_PROBLEM STATEMENT_. Please transcribe the data that follows without the pictures, keeping every word the same.

_DATASET RECORDS_.
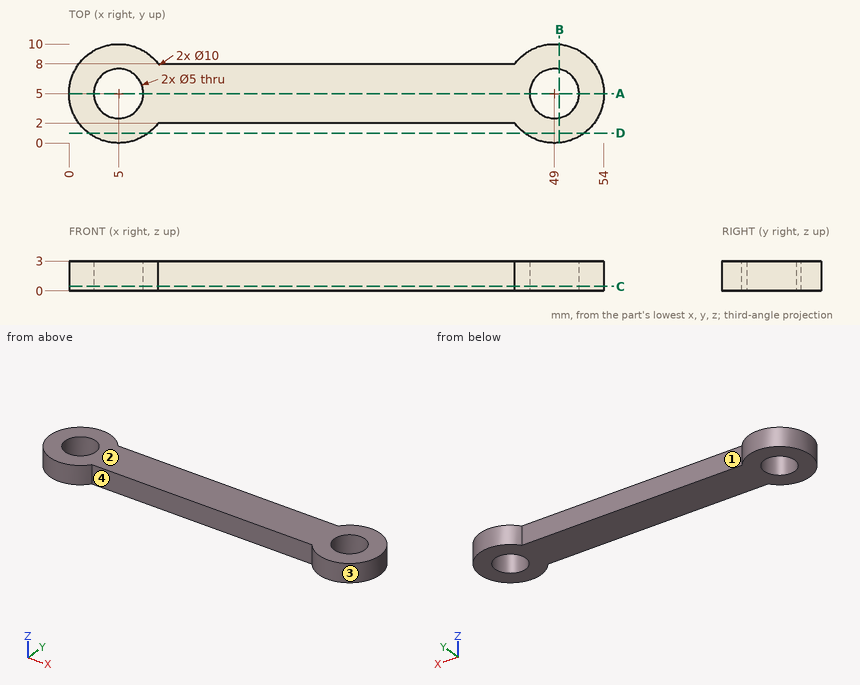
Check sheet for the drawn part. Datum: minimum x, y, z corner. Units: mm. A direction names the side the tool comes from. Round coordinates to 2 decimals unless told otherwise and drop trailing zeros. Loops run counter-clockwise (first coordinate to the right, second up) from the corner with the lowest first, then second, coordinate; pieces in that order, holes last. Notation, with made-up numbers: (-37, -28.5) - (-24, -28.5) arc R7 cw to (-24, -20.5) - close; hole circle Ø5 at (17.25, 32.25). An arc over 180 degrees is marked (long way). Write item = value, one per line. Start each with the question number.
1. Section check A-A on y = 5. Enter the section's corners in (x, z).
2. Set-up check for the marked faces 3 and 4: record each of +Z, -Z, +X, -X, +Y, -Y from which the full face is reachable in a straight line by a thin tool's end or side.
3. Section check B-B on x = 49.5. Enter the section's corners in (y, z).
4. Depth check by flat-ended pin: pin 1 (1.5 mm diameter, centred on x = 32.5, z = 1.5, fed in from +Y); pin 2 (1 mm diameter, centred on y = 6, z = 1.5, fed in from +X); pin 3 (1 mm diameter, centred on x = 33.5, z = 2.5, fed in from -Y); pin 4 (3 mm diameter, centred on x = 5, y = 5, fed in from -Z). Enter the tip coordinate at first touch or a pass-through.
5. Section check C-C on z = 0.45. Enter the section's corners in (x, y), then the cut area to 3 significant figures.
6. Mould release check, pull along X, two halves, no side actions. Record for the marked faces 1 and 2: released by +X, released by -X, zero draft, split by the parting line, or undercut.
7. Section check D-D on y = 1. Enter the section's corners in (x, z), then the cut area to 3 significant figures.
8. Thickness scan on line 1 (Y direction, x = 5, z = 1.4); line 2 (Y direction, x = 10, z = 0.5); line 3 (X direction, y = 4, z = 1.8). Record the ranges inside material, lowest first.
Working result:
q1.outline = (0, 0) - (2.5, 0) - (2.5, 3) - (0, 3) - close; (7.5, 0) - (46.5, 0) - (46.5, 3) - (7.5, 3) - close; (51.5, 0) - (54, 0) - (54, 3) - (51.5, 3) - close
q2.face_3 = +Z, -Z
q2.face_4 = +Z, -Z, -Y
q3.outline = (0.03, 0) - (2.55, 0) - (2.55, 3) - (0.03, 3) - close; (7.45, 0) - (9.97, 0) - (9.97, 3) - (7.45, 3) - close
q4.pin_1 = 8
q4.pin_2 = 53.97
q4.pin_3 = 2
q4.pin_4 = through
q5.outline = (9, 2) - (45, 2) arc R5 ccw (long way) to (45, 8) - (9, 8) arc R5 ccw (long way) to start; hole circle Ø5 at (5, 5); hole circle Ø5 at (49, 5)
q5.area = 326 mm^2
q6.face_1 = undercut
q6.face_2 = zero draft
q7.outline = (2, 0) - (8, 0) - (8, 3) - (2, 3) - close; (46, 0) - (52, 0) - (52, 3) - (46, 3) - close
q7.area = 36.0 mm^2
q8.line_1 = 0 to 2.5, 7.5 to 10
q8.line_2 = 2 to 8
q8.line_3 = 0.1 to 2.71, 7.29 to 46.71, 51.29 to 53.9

_RESULT OF THE EXERCISE_.
Check sheet for the drawn part. Datum: minimum x, y, z corner. Units: mm. A direction names the side the tool comes from. Round coordinates to 2 decimals unless told otherwise and drop trailing zeros. Loops run counter-clockwise (first coordinate to the right, second up) from the corner with the lowest first, then second, coordinate; pieces in that order, holes last. Notation, with made-up numbers: (-37, -28.5) - (-24, -28.5) arc R7 cw to (-24, -20.5) - close; hole circle Ø5 at (17.25, 32.25). An arc over 180 degrees is marked (long way). Write item = value, one per line. Start each with the question number.
1. Section check A-A on y = 5. Enter the section's corners in (x, z).
2. Set-up check for the marked faces 3 and 4: record each of +Z, -Z, +X, -X, +Y, -Y from which the full face is reachable in a straight line by a thin tool's end or side.
3. Section check B-B on x = 49.5. Enter the section's corners in (y, z).
4. Depth check by flat-ended pin: pin 1 (1.5 mm diameter, centred on x = 32.5, z = 1.5, fed in from +Y); pin 2 (1 mm diameter, centred on y = 6, z = 1.5, fed in from +X); pin 3 (1 mm diameter, centred on x = 33.5, z = 2.5, fed in from -Y); pin 4 (3 mm diameter, centred on x = 5, y = 5, fed in from -Z). Enter the tip coordinate at first touch or a pass-through.
5. Section check C-C on z = 0.45. Enter the section's corners in (x, y), then the cut area to 3 significant figures.
6. Mould release check, pull along X, two halves, no side actions. Record for the marked faces 1 and 2: released by +X, released by -X, zero draft, split by the parting line, or undercut.
7. Section check D-D on y = 1. Enter the section's corners in (x, z), then the cut area to 3 significant figures.
8. Thickness scan on line 1 (Y direction, x = 5, z = 1.4); line 2 (Y direction, x = 10, z = 0.5); line 3 (X direction, y = 4, z = 1.8). Record the ranges inside material, lowest first.
Working result:
q1.outline = (0, 0) - (2.5, 0) - (2.5, 3) - (0, 3) - close; (7.5, 0) - (46.5, 0) - (46.5, 3) - (7.5, 3) - close; (51.5, 0) - (54, 0) - (54, 3) - (51.5, 3) - close
q2.face_3 = +Z, -Z
q2.face_4 = +Z, -Z, -Y
q3.outline = (0.03, 0) - (2.55, 0) - (2.55, 3) - (0.03, 3) - close; (7.45, 0) - (9.97, 0) - (9.97, 3) - (7.45, 3) - close
q4.pin_1 = 8
q4.pin_2 = 53.97
q4.pin_3 = 2
q4.pin_4 = through
q5.outline = (9, 2) - (45, 2) arc R5 ccw (long way) to (45, 8) - (9, 8) arc R5 ccw (long way) to start; hole circle Ø5 at (5, 5); hole circle Ø5 at (49, 5)
q5.area = 326 mm^2
q6.face_1 = undercut
q6.face_2 = zero draft
q7.outline = (2, 0) - (8, 0) - (8, 3) - (2, 3) - close; (46, 0) - (52, 0) - (52, 3) - (46, 3) - close
q7.area = 36.0 mm^2
q8.line_1 = 0 to 2.5, 7.5 to 10
q8.line_2 = 2 to 8
q8.line_3 = 0.1 to 2.71, 7.29 to 46.71, 51.29 to 53.9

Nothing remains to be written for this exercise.